═════ Exercise data ═════
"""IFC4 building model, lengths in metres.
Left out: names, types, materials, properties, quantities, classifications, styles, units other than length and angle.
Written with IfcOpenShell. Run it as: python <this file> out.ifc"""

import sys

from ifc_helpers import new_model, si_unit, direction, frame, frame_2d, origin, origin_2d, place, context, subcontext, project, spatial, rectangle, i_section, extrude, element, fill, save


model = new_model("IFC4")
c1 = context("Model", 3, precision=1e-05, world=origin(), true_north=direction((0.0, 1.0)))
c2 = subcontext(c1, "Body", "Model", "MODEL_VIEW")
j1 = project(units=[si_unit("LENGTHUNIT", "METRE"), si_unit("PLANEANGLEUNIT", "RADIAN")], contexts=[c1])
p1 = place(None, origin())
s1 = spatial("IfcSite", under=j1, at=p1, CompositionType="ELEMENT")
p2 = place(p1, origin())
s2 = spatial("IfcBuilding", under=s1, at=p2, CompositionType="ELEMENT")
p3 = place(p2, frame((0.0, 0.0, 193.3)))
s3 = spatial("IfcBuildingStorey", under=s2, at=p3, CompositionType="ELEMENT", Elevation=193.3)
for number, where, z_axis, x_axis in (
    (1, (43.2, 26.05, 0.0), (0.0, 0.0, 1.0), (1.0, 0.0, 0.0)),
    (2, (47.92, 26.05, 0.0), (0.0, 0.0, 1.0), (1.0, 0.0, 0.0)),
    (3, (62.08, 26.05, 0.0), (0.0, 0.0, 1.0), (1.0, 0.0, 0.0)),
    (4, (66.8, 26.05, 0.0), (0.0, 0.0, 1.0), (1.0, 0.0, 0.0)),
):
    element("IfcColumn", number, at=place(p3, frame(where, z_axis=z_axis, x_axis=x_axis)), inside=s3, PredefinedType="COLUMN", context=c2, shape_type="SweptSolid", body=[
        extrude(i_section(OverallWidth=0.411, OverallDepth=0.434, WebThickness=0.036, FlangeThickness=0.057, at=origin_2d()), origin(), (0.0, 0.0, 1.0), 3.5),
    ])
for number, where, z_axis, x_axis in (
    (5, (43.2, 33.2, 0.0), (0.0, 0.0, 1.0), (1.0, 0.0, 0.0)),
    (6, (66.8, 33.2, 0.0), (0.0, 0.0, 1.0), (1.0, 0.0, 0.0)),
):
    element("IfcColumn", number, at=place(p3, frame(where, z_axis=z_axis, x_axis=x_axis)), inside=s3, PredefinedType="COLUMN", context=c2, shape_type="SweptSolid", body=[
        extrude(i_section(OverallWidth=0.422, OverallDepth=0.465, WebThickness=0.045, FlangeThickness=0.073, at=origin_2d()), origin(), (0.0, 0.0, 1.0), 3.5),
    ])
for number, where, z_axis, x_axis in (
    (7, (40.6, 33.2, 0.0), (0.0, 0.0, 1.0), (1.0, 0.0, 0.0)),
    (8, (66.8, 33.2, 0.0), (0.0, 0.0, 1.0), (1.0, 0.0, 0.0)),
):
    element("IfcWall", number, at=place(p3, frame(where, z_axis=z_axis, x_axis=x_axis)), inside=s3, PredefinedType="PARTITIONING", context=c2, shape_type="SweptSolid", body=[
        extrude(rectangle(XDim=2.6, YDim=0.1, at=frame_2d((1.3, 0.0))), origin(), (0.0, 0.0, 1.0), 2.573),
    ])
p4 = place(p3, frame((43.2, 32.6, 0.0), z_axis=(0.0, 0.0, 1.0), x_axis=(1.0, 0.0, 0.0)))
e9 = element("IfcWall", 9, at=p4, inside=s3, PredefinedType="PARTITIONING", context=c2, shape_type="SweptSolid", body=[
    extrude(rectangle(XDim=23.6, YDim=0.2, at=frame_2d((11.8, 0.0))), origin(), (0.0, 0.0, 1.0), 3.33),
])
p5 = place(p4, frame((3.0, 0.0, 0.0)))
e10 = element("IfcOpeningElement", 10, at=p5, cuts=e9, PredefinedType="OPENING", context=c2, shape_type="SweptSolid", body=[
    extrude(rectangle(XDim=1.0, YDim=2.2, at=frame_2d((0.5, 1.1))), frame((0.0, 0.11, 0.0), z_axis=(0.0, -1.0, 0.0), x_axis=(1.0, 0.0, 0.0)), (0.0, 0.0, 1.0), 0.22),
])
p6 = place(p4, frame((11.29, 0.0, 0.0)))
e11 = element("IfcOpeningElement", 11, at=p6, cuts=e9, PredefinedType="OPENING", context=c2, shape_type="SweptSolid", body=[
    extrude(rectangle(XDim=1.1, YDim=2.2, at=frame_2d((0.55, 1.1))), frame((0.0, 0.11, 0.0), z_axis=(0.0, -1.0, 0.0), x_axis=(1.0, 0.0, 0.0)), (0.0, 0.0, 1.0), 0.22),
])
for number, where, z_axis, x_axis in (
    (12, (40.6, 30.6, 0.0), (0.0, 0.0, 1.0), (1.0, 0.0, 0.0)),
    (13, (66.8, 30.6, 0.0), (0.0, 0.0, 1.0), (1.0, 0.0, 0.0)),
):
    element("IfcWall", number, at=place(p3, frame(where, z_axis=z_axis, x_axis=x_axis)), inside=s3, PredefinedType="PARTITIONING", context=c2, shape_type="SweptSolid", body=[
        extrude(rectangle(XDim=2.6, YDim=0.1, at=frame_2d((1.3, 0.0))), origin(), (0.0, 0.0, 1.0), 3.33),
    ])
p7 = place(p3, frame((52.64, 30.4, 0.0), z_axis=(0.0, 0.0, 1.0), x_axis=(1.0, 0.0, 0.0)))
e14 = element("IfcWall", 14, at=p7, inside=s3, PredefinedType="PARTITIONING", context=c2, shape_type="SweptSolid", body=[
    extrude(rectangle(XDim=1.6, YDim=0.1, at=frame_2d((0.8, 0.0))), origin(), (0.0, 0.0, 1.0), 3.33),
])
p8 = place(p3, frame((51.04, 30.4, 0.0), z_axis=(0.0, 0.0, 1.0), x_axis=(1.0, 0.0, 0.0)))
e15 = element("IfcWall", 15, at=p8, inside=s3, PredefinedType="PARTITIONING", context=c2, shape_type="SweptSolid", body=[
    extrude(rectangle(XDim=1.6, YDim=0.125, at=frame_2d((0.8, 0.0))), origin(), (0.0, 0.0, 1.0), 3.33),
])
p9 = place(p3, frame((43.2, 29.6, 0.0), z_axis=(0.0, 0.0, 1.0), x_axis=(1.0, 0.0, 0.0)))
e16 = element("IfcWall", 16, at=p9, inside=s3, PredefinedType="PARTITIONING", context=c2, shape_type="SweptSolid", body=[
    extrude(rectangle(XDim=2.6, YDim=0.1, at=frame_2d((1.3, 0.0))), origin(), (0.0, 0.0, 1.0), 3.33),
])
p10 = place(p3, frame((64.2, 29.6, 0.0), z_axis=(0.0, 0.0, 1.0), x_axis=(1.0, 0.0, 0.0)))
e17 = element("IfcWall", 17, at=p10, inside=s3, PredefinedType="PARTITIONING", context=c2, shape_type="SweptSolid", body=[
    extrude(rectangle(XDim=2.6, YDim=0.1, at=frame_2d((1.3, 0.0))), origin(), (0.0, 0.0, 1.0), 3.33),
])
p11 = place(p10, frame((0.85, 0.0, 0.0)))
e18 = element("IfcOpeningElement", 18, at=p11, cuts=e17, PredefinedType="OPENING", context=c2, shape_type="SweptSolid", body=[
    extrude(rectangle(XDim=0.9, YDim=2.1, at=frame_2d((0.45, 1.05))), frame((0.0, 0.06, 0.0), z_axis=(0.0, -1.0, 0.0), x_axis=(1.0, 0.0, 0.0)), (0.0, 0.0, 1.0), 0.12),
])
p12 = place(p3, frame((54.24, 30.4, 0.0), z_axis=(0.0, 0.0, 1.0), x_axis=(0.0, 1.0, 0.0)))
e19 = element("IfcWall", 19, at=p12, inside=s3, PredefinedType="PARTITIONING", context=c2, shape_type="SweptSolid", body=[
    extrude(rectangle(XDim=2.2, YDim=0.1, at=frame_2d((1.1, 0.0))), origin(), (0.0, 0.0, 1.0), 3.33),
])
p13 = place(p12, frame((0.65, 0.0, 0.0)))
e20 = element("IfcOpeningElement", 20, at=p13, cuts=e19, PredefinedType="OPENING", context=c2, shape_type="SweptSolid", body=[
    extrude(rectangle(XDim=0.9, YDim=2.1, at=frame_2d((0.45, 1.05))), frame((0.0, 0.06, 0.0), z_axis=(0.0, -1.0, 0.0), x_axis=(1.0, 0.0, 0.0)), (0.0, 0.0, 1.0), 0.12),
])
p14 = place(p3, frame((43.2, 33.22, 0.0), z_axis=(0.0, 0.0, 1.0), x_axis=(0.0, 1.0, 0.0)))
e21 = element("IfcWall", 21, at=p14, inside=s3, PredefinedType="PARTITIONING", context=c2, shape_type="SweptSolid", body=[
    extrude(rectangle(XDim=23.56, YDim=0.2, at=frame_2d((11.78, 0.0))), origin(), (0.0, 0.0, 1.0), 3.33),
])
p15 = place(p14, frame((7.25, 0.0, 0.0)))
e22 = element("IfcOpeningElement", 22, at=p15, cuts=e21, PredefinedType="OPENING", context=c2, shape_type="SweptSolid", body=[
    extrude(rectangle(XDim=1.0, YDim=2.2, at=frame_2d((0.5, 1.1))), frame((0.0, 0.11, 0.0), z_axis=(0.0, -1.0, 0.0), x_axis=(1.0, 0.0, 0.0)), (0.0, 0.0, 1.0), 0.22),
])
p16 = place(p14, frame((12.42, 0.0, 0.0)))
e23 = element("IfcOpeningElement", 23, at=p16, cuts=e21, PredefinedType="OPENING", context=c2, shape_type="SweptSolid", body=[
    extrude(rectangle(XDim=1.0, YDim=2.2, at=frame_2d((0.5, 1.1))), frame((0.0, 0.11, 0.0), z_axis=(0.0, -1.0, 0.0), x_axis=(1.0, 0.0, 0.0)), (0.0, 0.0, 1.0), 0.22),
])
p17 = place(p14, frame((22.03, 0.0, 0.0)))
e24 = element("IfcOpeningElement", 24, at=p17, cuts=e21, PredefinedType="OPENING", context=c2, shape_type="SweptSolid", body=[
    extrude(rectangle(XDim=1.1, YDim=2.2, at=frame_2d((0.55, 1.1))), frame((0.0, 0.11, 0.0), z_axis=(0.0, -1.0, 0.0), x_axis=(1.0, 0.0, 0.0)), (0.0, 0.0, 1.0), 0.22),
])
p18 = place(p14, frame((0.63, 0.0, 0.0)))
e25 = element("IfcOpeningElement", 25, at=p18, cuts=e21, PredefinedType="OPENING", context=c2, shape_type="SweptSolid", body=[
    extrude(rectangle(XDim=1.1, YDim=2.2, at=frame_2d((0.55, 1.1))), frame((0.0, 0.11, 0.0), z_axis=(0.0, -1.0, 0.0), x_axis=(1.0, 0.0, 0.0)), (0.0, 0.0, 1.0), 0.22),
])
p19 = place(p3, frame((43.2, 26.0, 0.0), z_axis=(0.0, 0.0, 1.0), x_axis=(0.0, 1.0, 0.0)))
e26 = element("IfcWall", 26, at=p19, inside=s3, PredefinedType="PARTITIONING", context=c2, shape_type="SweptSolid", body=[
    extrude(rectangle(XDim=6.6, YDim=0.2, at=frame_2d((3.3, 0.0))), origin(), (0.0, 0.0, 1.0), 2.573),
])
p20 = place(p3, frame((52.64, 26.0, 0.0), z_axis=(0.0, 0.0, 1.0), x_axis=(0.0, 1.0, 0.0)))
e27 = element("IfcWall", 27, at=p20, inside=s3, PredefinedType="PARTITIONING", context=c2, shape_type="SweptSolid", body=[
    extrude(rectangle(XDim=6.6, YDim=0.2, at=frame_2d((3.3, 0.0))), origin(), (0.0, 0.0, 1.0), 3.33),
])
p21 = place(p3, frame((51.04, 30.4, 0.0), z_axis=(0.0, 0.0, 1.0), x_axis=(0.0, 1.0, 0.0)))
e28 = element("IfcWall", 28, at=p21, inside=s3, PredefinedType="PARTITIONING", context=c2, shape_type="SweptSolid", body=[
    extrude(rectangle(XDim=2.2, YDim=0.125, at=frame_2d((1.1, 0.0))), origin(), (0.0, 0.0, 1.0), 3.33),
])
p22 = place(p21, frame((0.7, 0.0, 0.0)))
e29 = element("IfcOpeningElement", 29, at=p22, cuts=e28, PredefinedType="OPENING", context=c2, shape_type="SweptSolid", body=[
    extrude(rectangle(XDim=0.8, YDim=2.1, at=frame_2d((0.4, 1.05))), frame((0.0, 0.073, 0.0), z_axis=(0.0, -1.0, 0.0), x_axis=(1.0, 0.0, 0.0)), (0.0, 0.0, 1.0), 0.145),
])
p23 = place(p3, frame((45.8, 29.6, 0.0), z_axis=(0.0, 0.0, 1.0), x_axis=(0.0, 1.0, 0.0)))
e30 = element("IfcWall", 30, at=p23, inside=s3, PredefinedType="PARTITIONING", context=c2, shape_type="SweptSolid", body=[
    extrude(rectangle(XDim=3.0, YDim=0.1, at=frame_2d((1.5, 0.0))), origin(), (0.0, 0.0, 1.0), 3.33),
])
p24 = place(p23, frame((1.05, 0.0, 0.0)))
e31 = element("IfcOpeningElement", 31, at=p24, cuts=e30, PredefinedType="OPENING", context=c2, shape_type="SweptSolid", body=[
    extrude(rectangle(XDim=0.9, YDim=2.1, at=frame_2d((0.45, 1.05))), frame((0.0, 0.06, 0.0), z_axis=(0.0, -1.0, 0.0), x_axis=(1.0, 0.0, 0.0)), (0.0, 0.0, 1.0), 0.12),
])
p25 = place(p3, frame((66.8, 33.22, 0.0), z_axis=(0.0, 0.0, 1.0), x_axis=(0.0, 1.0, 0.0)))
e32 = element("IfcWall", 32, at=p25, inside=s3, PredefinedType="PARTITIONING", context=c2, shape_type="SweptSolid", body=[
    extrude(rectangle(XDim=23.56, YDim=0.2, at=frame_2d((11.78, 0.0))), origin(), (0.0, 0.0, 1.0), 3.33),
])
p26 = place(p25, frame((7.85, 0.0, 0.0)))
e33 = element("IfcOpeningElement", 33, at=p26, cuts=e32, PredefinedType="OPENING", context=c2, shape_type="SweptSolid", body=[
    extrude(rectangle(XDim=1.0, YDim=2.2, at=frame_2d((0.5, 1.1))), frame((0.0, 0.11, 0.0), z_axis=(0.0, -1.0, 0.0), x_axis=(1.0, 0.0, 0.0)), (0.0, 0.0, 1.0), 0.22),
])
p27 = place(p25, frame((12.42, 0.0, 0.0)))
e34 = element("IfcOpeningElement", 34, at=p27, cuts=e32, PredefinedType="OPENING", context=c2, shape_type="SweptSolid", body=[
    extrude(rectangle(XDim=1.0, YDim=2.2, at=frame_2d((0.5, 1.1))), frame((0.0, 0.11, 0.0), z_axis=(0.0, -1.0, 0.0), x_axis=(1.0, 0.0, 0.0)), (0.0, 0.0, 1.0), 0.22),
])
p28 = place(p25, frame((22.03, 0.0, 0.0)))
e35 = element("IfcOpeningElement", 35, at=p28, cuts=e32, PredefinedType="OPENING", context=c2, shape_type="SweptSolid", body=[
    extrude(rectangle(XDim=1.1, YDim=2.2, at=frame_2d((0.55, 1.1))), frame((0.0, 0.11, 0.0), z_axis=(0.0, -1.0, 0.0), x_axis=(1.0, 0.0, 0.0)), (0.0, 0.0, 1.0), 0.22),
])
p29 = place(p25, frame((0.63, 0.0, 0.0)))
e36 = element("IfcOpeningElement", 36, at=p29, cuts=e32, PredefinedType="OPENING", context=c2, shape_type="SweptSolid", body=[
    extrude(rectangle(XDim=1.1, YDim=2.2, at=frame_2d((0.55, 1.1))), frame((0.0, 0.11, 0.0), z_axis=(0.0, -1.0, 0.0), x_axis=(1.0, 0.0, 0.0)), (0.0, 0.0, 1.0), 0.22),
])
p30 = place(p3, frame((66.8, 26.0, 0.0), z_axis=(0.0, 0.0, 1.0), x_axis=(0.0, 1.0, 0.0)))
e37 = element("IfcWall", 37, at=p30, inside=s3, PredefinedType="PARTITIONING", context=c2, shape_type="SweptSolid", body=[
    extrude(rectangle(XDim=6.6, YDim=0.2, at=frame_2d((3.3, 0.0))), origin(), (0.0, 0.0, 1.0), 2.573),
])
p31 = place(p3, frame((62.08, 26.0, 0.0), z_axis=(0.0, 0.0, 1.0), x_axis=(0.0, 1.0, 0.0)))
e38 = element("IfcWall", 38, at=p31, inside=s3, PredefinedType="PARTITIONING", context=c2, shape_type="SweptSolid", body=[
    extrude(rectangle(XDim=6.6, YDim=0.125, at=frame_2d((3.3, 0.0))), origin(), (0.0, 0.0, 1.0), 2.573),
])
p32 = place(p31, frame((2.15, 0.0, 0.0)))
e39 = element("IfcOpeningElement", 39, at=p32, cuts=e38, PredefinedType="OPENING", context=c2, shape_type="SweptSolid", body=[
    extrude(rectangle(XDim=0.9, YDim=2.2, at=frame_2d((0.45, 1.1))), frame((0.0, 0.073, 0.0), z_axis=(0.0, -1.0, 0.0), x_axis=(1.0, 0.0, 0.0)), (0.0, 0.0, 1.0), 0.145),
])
═════
_Exercise goal_
The word "units" appears in some of the lines above. Copy those lines.

_Answer to this task_
Left out: names, types, materials, properties, quantities, classifications, styles, units other than length and angle.
j1 = project(units=[si_unit("LENGTHUNIT", "METRE"), si_unit("PLANEANGLEUNIT", "RADIAN")], contexts=[c1])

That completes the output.